▶ [INSTRUCTIONS TO FOLLOW]:
A faithful copy of the entries is required, with no images in it.

START RECORDED INFORMATION

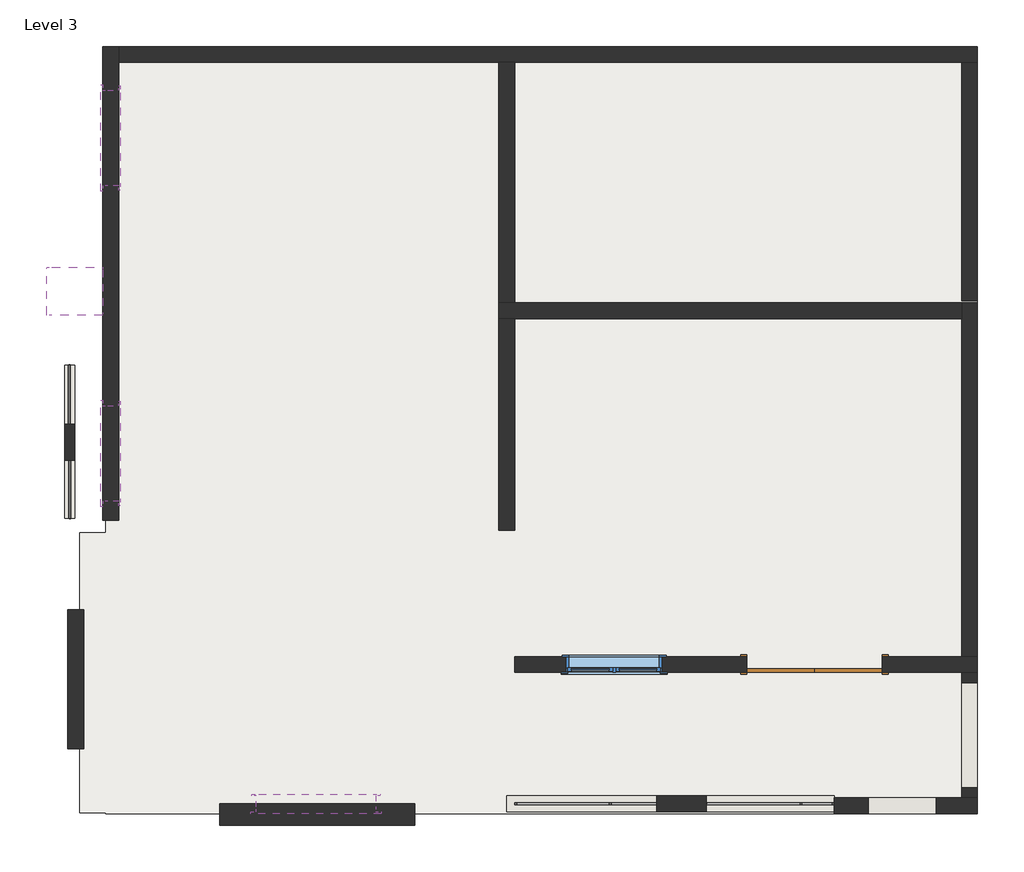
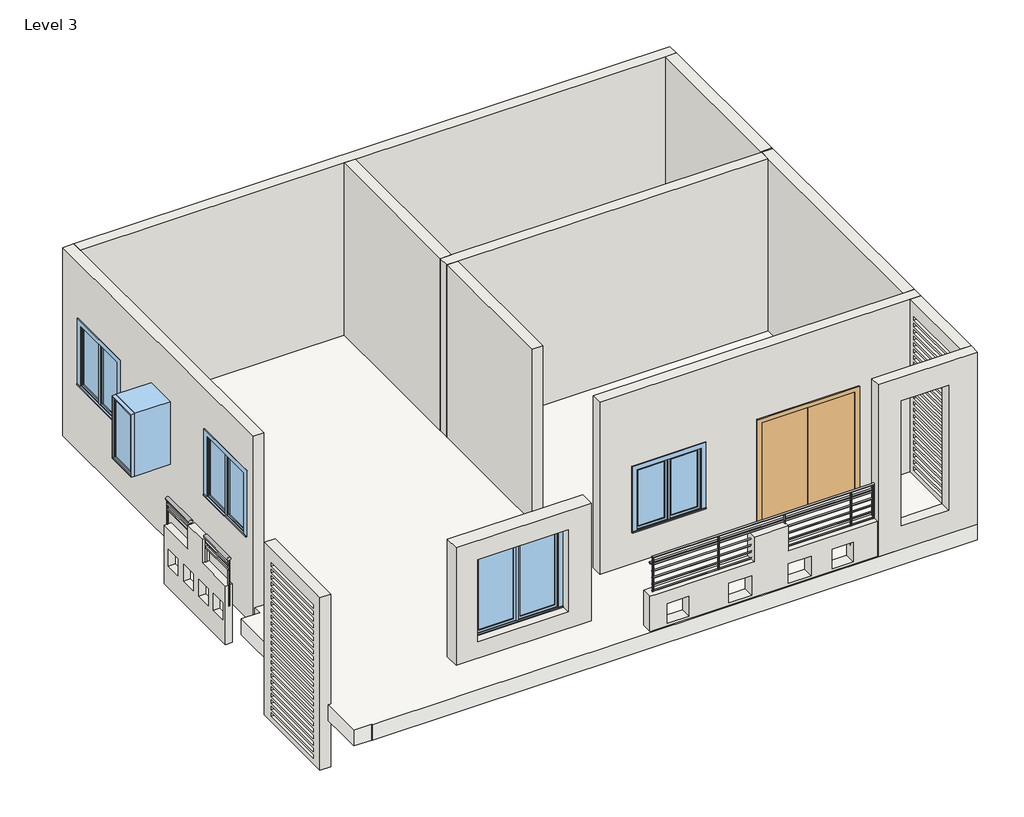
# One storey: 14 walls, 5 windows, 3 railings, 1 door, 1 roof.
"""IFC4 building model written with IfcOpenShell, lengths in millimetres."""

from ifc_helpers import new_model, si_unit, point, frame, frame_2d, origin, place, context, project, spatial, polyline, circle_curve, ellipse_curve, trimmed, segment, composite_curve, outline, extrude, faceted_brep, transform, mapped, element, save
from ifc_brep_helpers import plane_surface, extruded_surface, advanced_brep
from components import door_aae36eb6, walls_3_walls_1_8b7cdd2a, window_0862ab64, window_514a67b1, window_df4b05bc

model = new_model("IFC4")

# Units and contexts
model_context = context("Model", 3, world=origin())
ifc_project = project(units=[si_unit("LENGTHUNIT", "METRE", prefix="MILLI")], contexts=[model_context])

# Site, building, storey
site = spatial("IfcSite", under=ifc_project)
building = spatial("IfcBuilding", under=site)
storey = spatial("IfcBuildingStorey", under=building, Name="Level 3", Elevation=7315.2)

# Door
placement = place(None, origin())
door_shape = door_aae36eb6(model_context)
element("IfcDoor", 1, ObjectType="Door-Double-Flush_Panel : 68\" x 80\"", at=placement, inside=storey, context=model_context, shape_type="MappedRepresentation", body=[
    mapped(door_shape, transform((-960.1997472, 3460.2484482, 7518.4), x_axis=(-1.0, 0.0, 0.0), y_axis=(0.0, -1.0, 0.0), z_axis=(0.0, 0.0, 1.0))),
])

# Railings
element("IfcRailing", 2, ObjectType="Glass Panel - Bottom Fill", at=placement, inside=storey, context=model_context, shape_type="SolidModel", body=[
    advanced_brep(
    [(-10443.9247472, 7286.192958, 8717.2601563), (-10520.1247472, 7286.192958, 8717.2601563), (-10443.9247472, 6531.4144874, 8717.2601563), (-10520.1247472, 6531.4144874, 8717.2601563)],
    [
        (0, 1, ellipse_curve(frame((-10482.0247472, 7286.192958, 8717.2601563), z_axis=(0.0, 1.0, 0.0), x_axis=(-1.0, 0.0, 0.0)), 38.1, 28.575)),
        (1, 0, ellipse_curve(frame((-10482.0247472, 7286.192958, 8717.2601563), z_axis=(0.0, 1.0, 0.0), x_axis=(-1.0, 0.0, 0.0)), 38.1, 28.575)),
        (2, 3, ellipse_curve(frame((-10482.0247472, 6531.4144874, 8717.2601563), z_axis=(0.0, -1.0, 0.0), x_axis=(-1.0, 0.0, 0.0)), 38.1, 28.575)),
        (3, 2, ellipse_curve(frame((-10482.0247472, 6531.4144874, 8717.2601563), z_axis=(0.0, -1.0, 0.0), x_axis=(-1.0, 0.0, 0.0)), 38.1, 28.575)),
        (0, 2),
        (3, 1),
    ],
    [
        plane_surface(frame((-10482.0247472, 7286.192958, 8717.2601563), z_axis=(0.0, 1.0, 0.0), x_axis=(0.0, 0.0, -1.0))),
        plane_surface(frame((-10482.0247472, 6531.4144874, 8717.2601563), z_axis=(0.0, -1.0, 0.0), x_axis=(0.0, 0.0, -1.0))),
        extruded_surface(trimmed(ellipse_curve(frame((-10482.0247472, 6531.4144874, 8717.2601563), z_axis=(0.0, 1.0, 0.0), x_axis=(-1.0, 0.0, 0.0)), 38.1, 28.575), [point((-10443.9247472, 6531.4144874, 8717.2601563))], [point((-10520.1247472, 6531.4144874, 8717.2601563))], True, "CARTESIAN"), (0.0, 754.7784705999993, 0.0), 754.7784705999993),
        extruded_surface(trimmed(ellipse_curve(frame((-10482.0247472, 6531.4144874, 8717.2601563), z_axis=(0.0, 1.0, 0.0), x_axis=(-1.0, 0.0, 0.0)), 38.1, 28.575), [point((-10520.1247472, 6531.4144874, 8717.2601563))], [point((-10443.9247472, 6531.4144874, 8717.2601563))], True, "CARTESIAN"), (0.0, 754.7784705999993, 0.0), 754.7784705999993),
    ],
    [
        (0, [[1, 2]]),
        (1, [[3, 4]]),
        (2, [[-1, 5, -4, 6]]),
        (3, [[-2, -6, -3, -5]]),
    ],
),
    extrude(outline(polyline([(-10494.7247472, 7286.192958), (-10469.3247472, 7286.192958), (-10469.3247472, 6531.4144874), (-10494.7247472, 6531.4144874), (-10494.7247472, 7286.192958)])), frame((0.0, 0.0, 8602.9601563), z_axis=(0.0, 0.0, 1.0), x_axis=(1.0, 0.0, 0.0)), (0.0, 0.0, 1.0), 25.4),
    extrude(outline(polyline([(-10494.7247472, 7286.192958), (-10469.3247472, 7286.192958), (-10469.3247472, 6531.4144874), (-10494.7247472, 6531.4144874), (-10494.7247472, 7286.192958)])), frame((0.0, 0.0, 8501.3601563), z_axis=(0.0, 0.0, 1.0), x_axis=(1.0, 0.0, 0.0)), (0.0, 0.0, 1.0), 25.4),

END RECORDED INFORMATION

▶ [RESPONSE TO THIS TASK]:
# One storey: 14 walls, 5 windows, 3 railings, 1 door, 1 roof.
"""IFC4 building model written with IfcOpenShell, lengths in millimetres."""

from ifc_helpers import new_model, si_unit, point, frame, frame_2d, origin, place, context, project, spatial, polyline, circle_curve, ellipse_curve, trimmed, segment, composite_curve, outline, extrude, faceted_brep, transform, mapped, element, save
from ifc_brep_helpers import plane_surface, extruded_surface, advanced_brep
from components import door_aae36eb6, walls_3_walls_1_8b7cdd2a, window_0862ab64, window_514a67b1, window_df4b05bc

model = new_model("IFC4")

# Units and contexts
model_context = context("Model", 3, world=origin())
ifc_project = project(units=[si_unit("LENGTHUNIT", "METRE", prefix="MILLI")], contexts=[model_context])

# Site, building, storey
site = spatial("IfcSite", under=ifc_project)
building = spatial("IfcBuilding", under=site)
storey = spatial("IfcBuildingStorey", under=building, Name="Level 3", Elevation=7315.2)

# Door
placement = place(None, origin())
door_shape = door_aae36eb6(model_context)
element("IfcDoor", 1, ObjectType="Door-Double-Flush_Panel : 68\" x 80\"", at=placement, inside=storey, context=model_context, shape_type="MappedRepresentation", body=[
    mapped(door_shape, transform((-960.1997472, 3460.2484482, 7518.4), x_axis=(-1.0, 0.0, 0.0), y_axis=(0.0, -1.0, 0.0), z_axis=(0.0, 0.0, 1.0))),
])

# Railings
element("IfcRailing", 2, ObjectType="Glass Panel - Bottom Fill", at=placement, inside=storey, context=model_context, shape_type="SolidModel", body=[
    advanced_brep(
    [(-10443.9247472, 7286.192958, 8717.2601563), (-10520.1247472, 7286.192958, 8717.2601563), (-10443.9247472, 6531.4144874, 8717.2601563), (-10520.1247472, 6531.4144874, 8717.2601563)],
    [
        (0, 1, ellipse_curve(frame((-10482.0247472, 7286.192958, 8717.2601563), z_axis=(0.0, 1.0, 0.0), x_axis=(-1.0, 0.0, 0.0)), 38.1, 28.575)),
        (1, 0, ellipse_curve(frame((-10482.0247472, 7286.192958, 8717.2601563), z_axis=(0.0, 1.0, 0.0), x_axis=(-1.0, 0.0, 0.0)), 38.1, 28.575)),
        (2, 3, ellipse_curve(frame((-10482.0247472, 6531.4144874, 8717.2601563), z_axis=(0.0, -1.0, 0.0), x_axis=(-1.0, 0.0, 0.0)), 38.1, 28.575)),
        (3, 2, ellipse_curve(frame((-10482.0247472, 6531.4144874, 8717.2601563), z_axis=(0.0, -1.0, 0.0), x_axis=(-1.0, 0.0, 0.0)), 38.1, 28.575)),
        (0, 2),
        (3, 1),
    ],
    [
        plane_surface(frame((-10482.0247472, 7286.192958, 8717.2601563), z_axis=(0.0, 1.0, 0.0), x_axis=(0.0, 0.0, -1.0))),
        plane_surface(frame((-10482.0247472, 6531.4144874, 8717.2601563), z_axis=(0.0, -1.0, 0.0), x_axis=(0.0, 0.0, -1.0))),
        extruded_surface(trimmed(ellipse_curve(frame((-10482.0247472, 6531.4144874, 8717.2601563), z_axis=(0.0, 1.0, 0.0), x_axis=(-1.0, 0.0, 0.0)), 38.1, 28.575), [point((-10443.9247472, 6531.4144874, 8717.2601563))], [point((-10520.1247472, 6531.4144874, 8717.2601563))], True, "CARTESIAN"), (0.0, 754.7784705999993, 0.0), 754.7784705999993),
        extruded_surface(trimmed(ellipse_curve(frame((-10482.0247472, 6531.4144874, 8717.2601563), z_axis=(0.0, 1.0, 0.0), x_axis=(-1.0, 0.0, 0.0)), 38.1, 28.575), [point((-10520.1247472, 6531.4144874, 8717.2601563))], [point((-10443.9247472, 6531.4144874, 8717.2601563))], True, "CARTESIAN"), (0.0, 754.7784705999993, 0.0), 754.7784705999993),
    ],
    [
        (0, [[1, 2]]),
        (1, [[3, 4]]),
        (2, [[-1, 5, -4, 6]]),
        (3, [[-2, -6, -3, -5]]),
    ],
),
    extrude(outline(polyline([(-10494.7247472, 7286.192958), (-10469.3247472, 7286.192958), (-10469.3247472, 6531.4144874), (-10494.7247472, 6531.4144874), (-10494.7247472, 7286.192958)])), frame((0.0, 0.0, 8602.9601563), z_axis=(0.0, 0.0, 1.0), x_axis=(1.0, 0.0, 0.0)), (0.0, 0.0, 1.0), 25.4),
    extrude(outline(polyline([(-10494.7247472, 7286.192958), (-10469.3247472, 7286.192958), (-10469.3247472, 6531.4144874), (-10494.7247472, 6531.4144874), (-10494.7247472, 7286.192958)])), frame((0.0, 0.0, 8501.3601563), z_axis=(0.0, 0.0, 1.0), x_axis=(1.0, 0.0, 0.0)), (0.0, 0.0, 1.0), 25.4),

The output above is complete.